##### Provided data
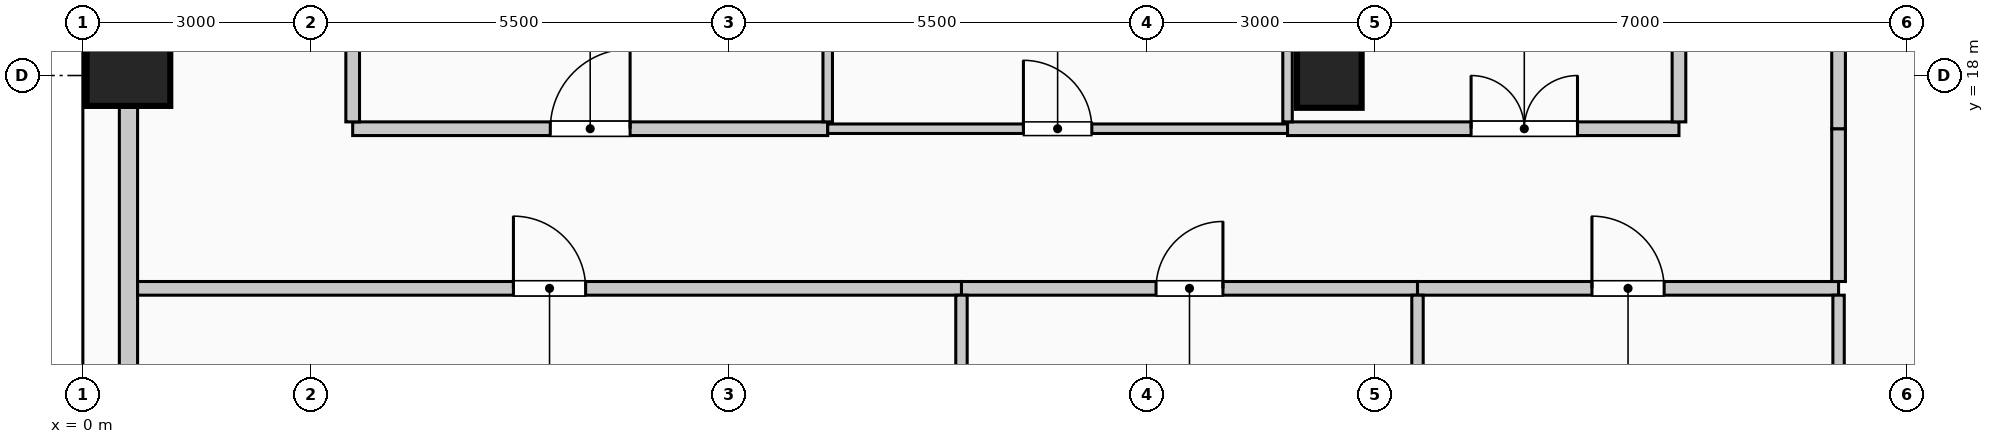
"""IFC4 building model, lengths in metres.
Left out: names, types, materials, properties, quantities, classifications, styles, units other than length and angle.
Written with IfcOpenShell. Run it as: python <this file> out.ifc"""

import sys

from ifc_helpers import new_model, si_unit, direction, frame, frame_2d, origin, origin_2d, place, context, subcontext, project, spatial, rectangle, circle, extrude, element, fill, save


model = new_model("IFC4")
c1 = context("Model", 3, precision=1e-05, world=origin(), true_north=direction((0.0, 1.0)))
c2 = subcontext(c1, "Body", "Model", "MODEL_VIEW")
j1 = project(units=[si_unit("LENGTHUNIT", "METRE"), si_unit("PLANEANGLEUNIT", "RADIAN")], contexts=[c1])
p1 = place(None, origin())
s1 = spatial("IfcSite", under=j1, at=p1, CompositionType="ELEMENT")
p2 = place(p1, origin())
s2 = spatial("IfcBuilding", under=s1, at=p2, CompositionType="ELEMENT")
p3 = place(p2, frame((0.0, 0.0, 170.6)))
s3 = spatial("IfcBuildingStorey", under=s2, at=p3, CompositionType="ELEMENT", Elevation=170.6)
p4 = place(p3, frame((0.6, 18.0, 0.0), z_axis=(0.0, 0.0, 1.0), x_axis=(0.0, 1.0, 0.0)))
e1 = element("IfcColumn", 1, at=p4, inside=s3, PredefinedType="COLUMN", context=c2, shape_type="SweptSolid", body=[
    extrude(rectangle(XDim=0.8, YDim=1.1, at=origin_2d()), origin(), (0.0, 0.0, 1.0), 4.0),
])
p5 = place(p3, frame((16.4, 18.0, 0.0), z_axis=(0.0, 0.0, 1.0), x_axis=(1.0, 0.0, 0.0)))
e2 = element("IfcColumn", 2, at=p5, inside=s3, PredefinedType="COLUMN", context=c2, shape_type="SweptSolid", body=[
    extrude(circle(Radius=0.425, at=origin_2d()), origin(), (0.0, 0.0, 1.0), 4.0),
])
p6 = place(p3, frame((0.6, 10.42, 0.0), z_axis=(0.0, 0.0, 1.0), x_axis=(0.0, 1.0, 0.0)))
e3 = element("IfcWall", 3, at=p6, inside=s3, PredefinedType="SOLIDWALL", context=c2, shape_type="SweptSolid", body=[
    extrude(rectangle(XDim=7.16, YDim=0.24, at=frame_2d((3.58, 0.0))), origin(), (0.0, 0.0, 1.0), 2.975),
])
p7 = place(p6, frame((1.387, 0.0, 0.42)))
e4 = element("IfcOpeningElement", 4, at=p7, cuts=e3, PredefinedType="OPENING", context=c2, shape_type="SweptSolid", body=[
    extrude(rectangle(XDim=1.5, YDim=2.2, at=frame_2d((0.75, 1.1))), frame((0.0, 0.13, 0.0), z_axis=(0.0, -1.0, 0.0), x_axis=(1.0, 0.0, 0.0)), (0.0, 0.0, 1.0), 0.26),
])
p8 = place(p3, frame((0.72, 15.2, 0.0), z_axis=(0.0, 0.0, 1.0), x_axis=(1.0, 0.0, 0.0)))
e5 = element("IfcWall", 5, at=p8, inside=s3, PredefinedType="PARTITIONING", context=c2, shape_type="SweptSolid", body=[
    extrude(rectangle(XDim=10.84, YDim=0.18, at=frame_2d((5.42, 0.0))), origin(), (0.0, 0.0, 1.0), 3.725),
])
p9 = place(p8, frame((4.945, 0.0, 0.0)))
e6 = element("IfcOpeningElement", 6, at=p9, cuts=e5, PredefinedType="OPENING", context=c2, shape_type="SweptSolid", body=[
    extrude(rectangle(XDim=0.95, YDim=2.15, at=frame_2d((0.475, 1.075))), frame((0.0, 0.1, 0.0), z_axis=(0.0, -1.0, 0.0), x_axis=(1.0, 0.0, 0.0)), (0.0, 0.0, 1.0), 0.2),
])
p10 = place(p3, frame((11.56, 15.2, 0.0), z_axis=(0.0, 0.0, 1.0), x_axis=(1.0, 0.0, 0.0)))
e7 = element("IfcWall", 7, at=p10, inside=s3, PredefinedType="PARTITIONING", context=c2, shape_type="SweptSolid", body=[
    extrude(rectangle(XDim=6.0, YDim=0.18, at=frame_2d((3.0, 0.0))), origin(), (0.0, 0.0, 1.0), 3.725),
])
p11 = place(p10, frame((2.56, 0.0, 0.0)))
e8 = element("IfcOpeningElement", 8, at=p11, cuts=e7, PredefinedType="OPENING", context=c2, shape_type="SweptSolid", body=[
    extrude(rectangle(XDim=0.88, YDim=2.1, at=frame_2d((0.44, 1.05))), frame((0.0, 0.1, 0.0), z_axis=(0.0, -1.0, 0.0), x_axis=(1.0, 0.0, 0.0)), (0.0, 0.0, 1.0), 0.2),
])
p12 = place(p3, frame((17.56, 15.2, 0.0), z_axis=(0.0, 0.0, 1.0), x_axis=(1.0, 0.0, 0.0)))
e9 = element("IfcWall", 9, at=p12, inside=s3, PredefinedType="PARTITIONING", context=c2, shape_type="SweptSolid", body=[
    extrude(rectangle(XDim=5.54, YDim=0.18, at=frame_2d((2.77, 0.0))), origin(), (0.0, 0.0, 1.0), 3.725),
])
p13 = place(p12, frame((2.295, 0.0, 0.0)))
e10 = element("IfcOpeningElement", 10, at=p13, cuts=e9, PredefinedType="OPENING", context=c2, shape_type="SweptSolid", body=[
    extrude(rectangle(XDim=0.95, YDim=2.15, at=frame_2d((0.475, 1.075))), frame((0.0, 0.1, 0.0), z_axis=(0.0, -1.0, 0.0), x_axis=(1.0, 0.0, 0.0)), (0.0, 0.0, 1.0), 0.2),
])
p14 = place(p3, frame((3.55, 17.3, 0.0), z_axis=(0.0, 0.0, 1.0), x_axis=(1.0, 0.0, 0.0)))
e11 = element("IfcWall", 11, at=p14, inside=s3, PredefinedType="PARTITIONING", context=c2, shape_type="SweptSolid", body=[
    extrude(rectangle(XDim=6.25, YDim=0.18, at=frame_2d((3.125, 0.0))), origin(), (0.0, 0.0, 1.0), 3.725),
])
p15 = place(p14, frame((2.6, 0.0, 0.0)))
e12 = element("IfcOpeningElement", 12, at=p15, cuts=e11, PredefinedType="OPENING", context=c2, shape_type="SweptSolid", body=[
    extrude(rectangle(XDim=1.05, YDim=2.15, at=frame_2d((0.525, 1.075))), frame((0.0, 0.1, 0.0), z_axis=(0.0, -1.0, 0.0), x_axis=(1.0, 0.0, 0.0)), (0.0, 0.0, 1.0), 0.2),
])
p16 = place(p3, frame((9.8, 17.3, 0.0), z_axis=(0.0, 0.0, 1.0), x_axis=(1.0, 0.0, 0.0)))
e13 = element("IfcWall", 13, at=p16, inside=s3, PredefinedType="PARTITIONING", context=c2, shape_type="SweptSolid", body=[
    extrude(rectangle(XDim=6.05, YDim=0.125, at=frame_2d((3.025, 0.0))), origin(), (0.0, 0.0, 1.0), 3.725),
])
p17 = place(p16, frame((2.575, 0.0, 0.0)))
e14 = element("IfcOpeningElement", 14, at=p17, cuts=e13, PredefinedType="OPENING", context=c2, shape_type="SweptSolid", body=[
    extrude(rectangle(XDim=0.9, YDim=2.1, at=frame_2d((0.45, 1.05))), frame((0.0, 0.073, 0.0), z_axis=(0.0, -1.0, 0.0), x_axis=(1.0, 0.0, 0.0)), (0.0, 0.0, 1.0), 0.145),
])
p18 = place(p3, frame((15.85, 17.3, 0.0), z_axis=(0.0, 0.0, 1.0), x_axis=(1.0, 0.0, 0.0)))
e15 = element("IfcWall", 15, at=p18, inside=s3, PredefinedType="PARTITIONING", context=c2, shape_type="SweptSolid", body=[
    extrude(rectangle(XDim=5.15, YDim=0.18, at=frame_2d((2.575, 0.0))), origin(), (0.0, 0.0, 1.0), 3.725),
])
p19 = place(p18, frame((2.415, 0.0, 0.0)))
e16 = element("IfcOpeningElement", 16, at=p19, cuts=e15, PredefinedType="OPENING", context=c2, shape_type="SweptSolid", body=[
    extrude(rectangle(XDim=1.4, YDim=2.2, at=frame_2d((0.7, 1.1))), frame((0.0, 0.1, 0.0), z_axis=(0.0, -1.0, 0.0), x_axis=(1.0, 0.0, 0.0)), (0.0, 0.0, 1.0), 0.2),
])
p20 = place(p3, frame((3.55, 17.39, 0.0), z_axis=(0.0, 0.0, 1.0), x_axis=(0.0, 1.0, 0.0)))
e17 = element("IfcWall", 17, at=p20, inside=s3, PredefinedType="PARTITIONING", context=c2, shape_type="SweptSolid", body=[
    extrude(rectangle(XDim=7.335, YDim=0.18, at=frame_2d((3.667, 0.0))), origin(), (0.0, 0.0, 1.0), 3.725),
])
p21 = place(p3, frame((9.8, 17.39, 0.0), z_axis=(0.0, 0.0, 1.0), x_axis=(0.0, 1.0, 0.0)))
e18 = element("IfcWall", 18, at=p21, inside=s3, PredefinedType="PARTITIONING", context=c2, shape_type="SweptSolid", body=[
    extrude(rectangle(XDim=7.335, YDim=0.125, at=frame_2d((3.667, 0.0))), origin(), (0.0, 0.0, 1.0), 3.725),
])
p22 = place(p3, frame((11.56, 0.72, 0.0), z_axis=(0.0, 0.0, 1.0), x_axis=(0.0, 1.0, 0.0)))
e19 = element("IfcWall", 19, at=p22, inside=s3, PredefinedType="PARTITIONING", context=c2, shape_type="SweptSolid", body=[
    extrude(rectangle(XDim=14.39, YDim=0.15, at=frame_2d((7.195, 0.0))), origin(), (0.0, 0.0, 1.0), 3.725),
])
p23 = place(p3, frame((15.85, 17.39, 0.0), z_axis=(0.0, 0.0, 1.0), x_axis=(0.0, 1.0, 0.0)))
e20 = element("IfcWall", 20, at=p23, inside=s3, PredefinedType="PARTITIONING", context=c2, shape_type="SweptSolid", body=[
    extrude(rectangle(XDim=7.335, YDim=0.125, at=frame_2d((3.667, 0.0))), origin(), (0.0, 0.0, 1.0), 3.725),
])
p24 = place(p3, frame((17.56, 0.72, 0.0), z_axis=(0.0, 0.0, 1.0), x_axis=(0.0, 1.0, 0.0)))
e21 = element("IfcWall", 21, at=p24, inside=s3, PredefinedType="PARTITIONING", context=c2, shape_type="SweptSolid", body=[
    extrude(rectangle(XDim=14.39, YDim=0.15, at=frame_2d((7.195, 0.0))), origin(), (0.0, 0.0, 1.0), 3.725),
])
p25 = place(p3, frame((21.0, 17.39, 0.0), z_axis=(0.0, 0.0, 1.0), x_axis=(0.0, 1.0, 0.0)))
e22 = element("IfcWall", 22, at=p25, inside=s3, PredefinedType="PARTITIONING", context=c2, shape_type="SweptSolid", body=[
    extrude(rectangle(XDim=7.335, YDim=0.18, at=frame_2d((3.667, 0.0))), origin(), (0.0, 0.0, 1.0), 3.725),
])
p26 = place(p3, frame((23.1, 0.72, 0.0), z_axis=(0.0, 0.0, 1.0), x_axis=(0.0, 1.0, 0.0)))
e23 = element("IfcWall", 23, at=p26, inside=s3, PredefinedType="PARTITIONING", context=c2, shape_type="SweptSolid", body=[
    extrude(rectangle(XDim=14.39, YDim=0.15, at=frame_2d((7.195, 0.0))), origin(), (0.0, 0.0, 1.0), 3.725),
])
p27 = place(p3, frame((23.1, 15.29, 0.0), z_axis=(0.0, 0.0, 1.0), x_axis=(0.0, 1.0, 0.0)))
e24 = element("IfcWall", 24, at=p27, inside=s3, PredefinedType="PARTITIONING", context=c2, shape_type="SweptSolid", body=[
    extrude(rectangle(XDim=2.01, YDim=0.18, at=frame_2d((1.005, 0.0))), origin(), (0.0, 0.0, 1.0), 3.725),
])
p28 = place(p3, frame((23.1, 17.3, 0.0), z_axis=(0.0, 0.0, 1.0), x_axis=(0.0, 1.0, 0.0)))
e25 = element("IfcWall", 25, at=p28, inside=s3, PredefinedType="PARTITIONING", context=c2, shape_type="SweptSolid", body=[
    extrude(rectangle(XDim=9.51, YDim=0.18, at=frame_2d((4.755, 0.0))), origin(), (0.0, 0.0, 1.0), 3.725),
])
p29 = place(p9, origin())
e26 = element("IfcDoor", 26, at=p29, inside=s3, OperationType="SINGLE_SWING_LEFT", PredefinedType="DOOR", context=c2, shape_type="SweptSolid", body=[
    extrude(rectangle(XDim=0.95, YDim=2.15, at=frame_2d((0.475, 1.075))), frame((0.0, 0.025, 0.0), z_axis=(0.0, -1.0, 0.0), x_axis=(1.0, 0.0, 0.0)), (0.0, 0.0, 1.0), 0.05),
])
fill(e6, e26)
p30 = place(p11, origin())
e27 = element("IfcDoor", 27, at=p30, inside=s3, OperationType="SINGLE_SWING_RIGHT", PredefinedType="DOOR", context=c2, shape_type="SweptSolid", body=[
    extrude(rectangle(XDim=0.88, YDim=2.1, at=frame_2d((0.44, 1.05))), frame((0.0, 0.025, 0.0), z_axis=(0.0, -1.0, 0.0), x_axis=(1.0, 0.0, 0.0)), (0.0, 0.0, 1.0), 0.05),
])
fill(e8, e27)
p31 = place(p13, origin())
e28 = element("IfcDoor", 28, at=p31, inside=s3, OperationType="SINGLE_SWING_LEFT", PredefinedType="DOOR", context=c2, shape_type="SweptSolid", body=[
    extrude(rectangle(XDim=0.95, YDim=2.15, at=frame_2d((0.475, 1.075))), frame((0.0, 0.025, 0.0), z_axis=(0.0, -1.0, 0.0), x_axis=(1.0, 0.0, 0.0)), (0.0, 0.0, 1.0), 0.05),
])
fill(e10, e28)
p32 = place(p15, origin())
e29 = element("IfcDoor", 29, at=p32, inside=s3, OperationType="SINGLE_SWING_RIGHT", PredefinedType="DOOR", context=c2, shape_type="SweptSolid", body=[
    extrude(rectangle(XDim=1.05, YDim=2.15, at=frame_2d((0.525, 1.075))), frame((0.0, 0.025, 0.0), z_axis=(0.0, -1.0, 0.0), x_axis=(1.0, 0.0, 0.0)), (0.0, 0.0, 1.0), 0.05),
])
fill(e12, e29)
p33 = place(p17, origin())
e30 = element("IfcDoor", 30, at=p33, inside=s3, OperationType="SINGLE_SWING_LEFT", PredefinedType="DOOR", context=c2, shape_type="SweptSolid", body=[
    extrude(rectangle(XDim=0.9, YDim=2.1, at=frame_2d((0.45, 1.05))), frame((0.0, 0.025, 0.0), z_axis=(0.0, -1.0, 0.0), x_axis=(1.0, 0.0, 0.0)), (0.0, 0.0, 1.0), 0.05),
])
fill(e14, e30)
p34 = place(p19, origin())
e31 = element("IfcDoor", 31, at=p34, inside=s3, OperationType="DOUBLE_DOOR_SINGLE_SWING", PredefinedType="DOOR", context=c2, shape_type="SweptSolid", body=[
    extrude(rectangle(XDim=1.4, YDim=2.2, at=frame_2d((0.7, 1.1))), frame((0.0, 0.025, 0.0), z_axis=(0.0, -1.0, 0.0), x_axis=(1.0, 0.0, 0.0)), (0.0, 0.0, 1.0), 0.05),
])
fill(e16, e31)
save(model, sys.argv[1])
##########
Your objective
Only lines containing the word "circle" should be copied from the material above.

Solution
from ifc_helpers import new_model, si_unit, direction, frame, frame_2d, origin, origin_2d, place, context, subcontext, project, spatial, rectangle, circle, extrude, element, fill, save
    extrude(circle(Radius=0.425, at=origin_2d()), origin(), (0.0, 0.0, 1.0), 4.0),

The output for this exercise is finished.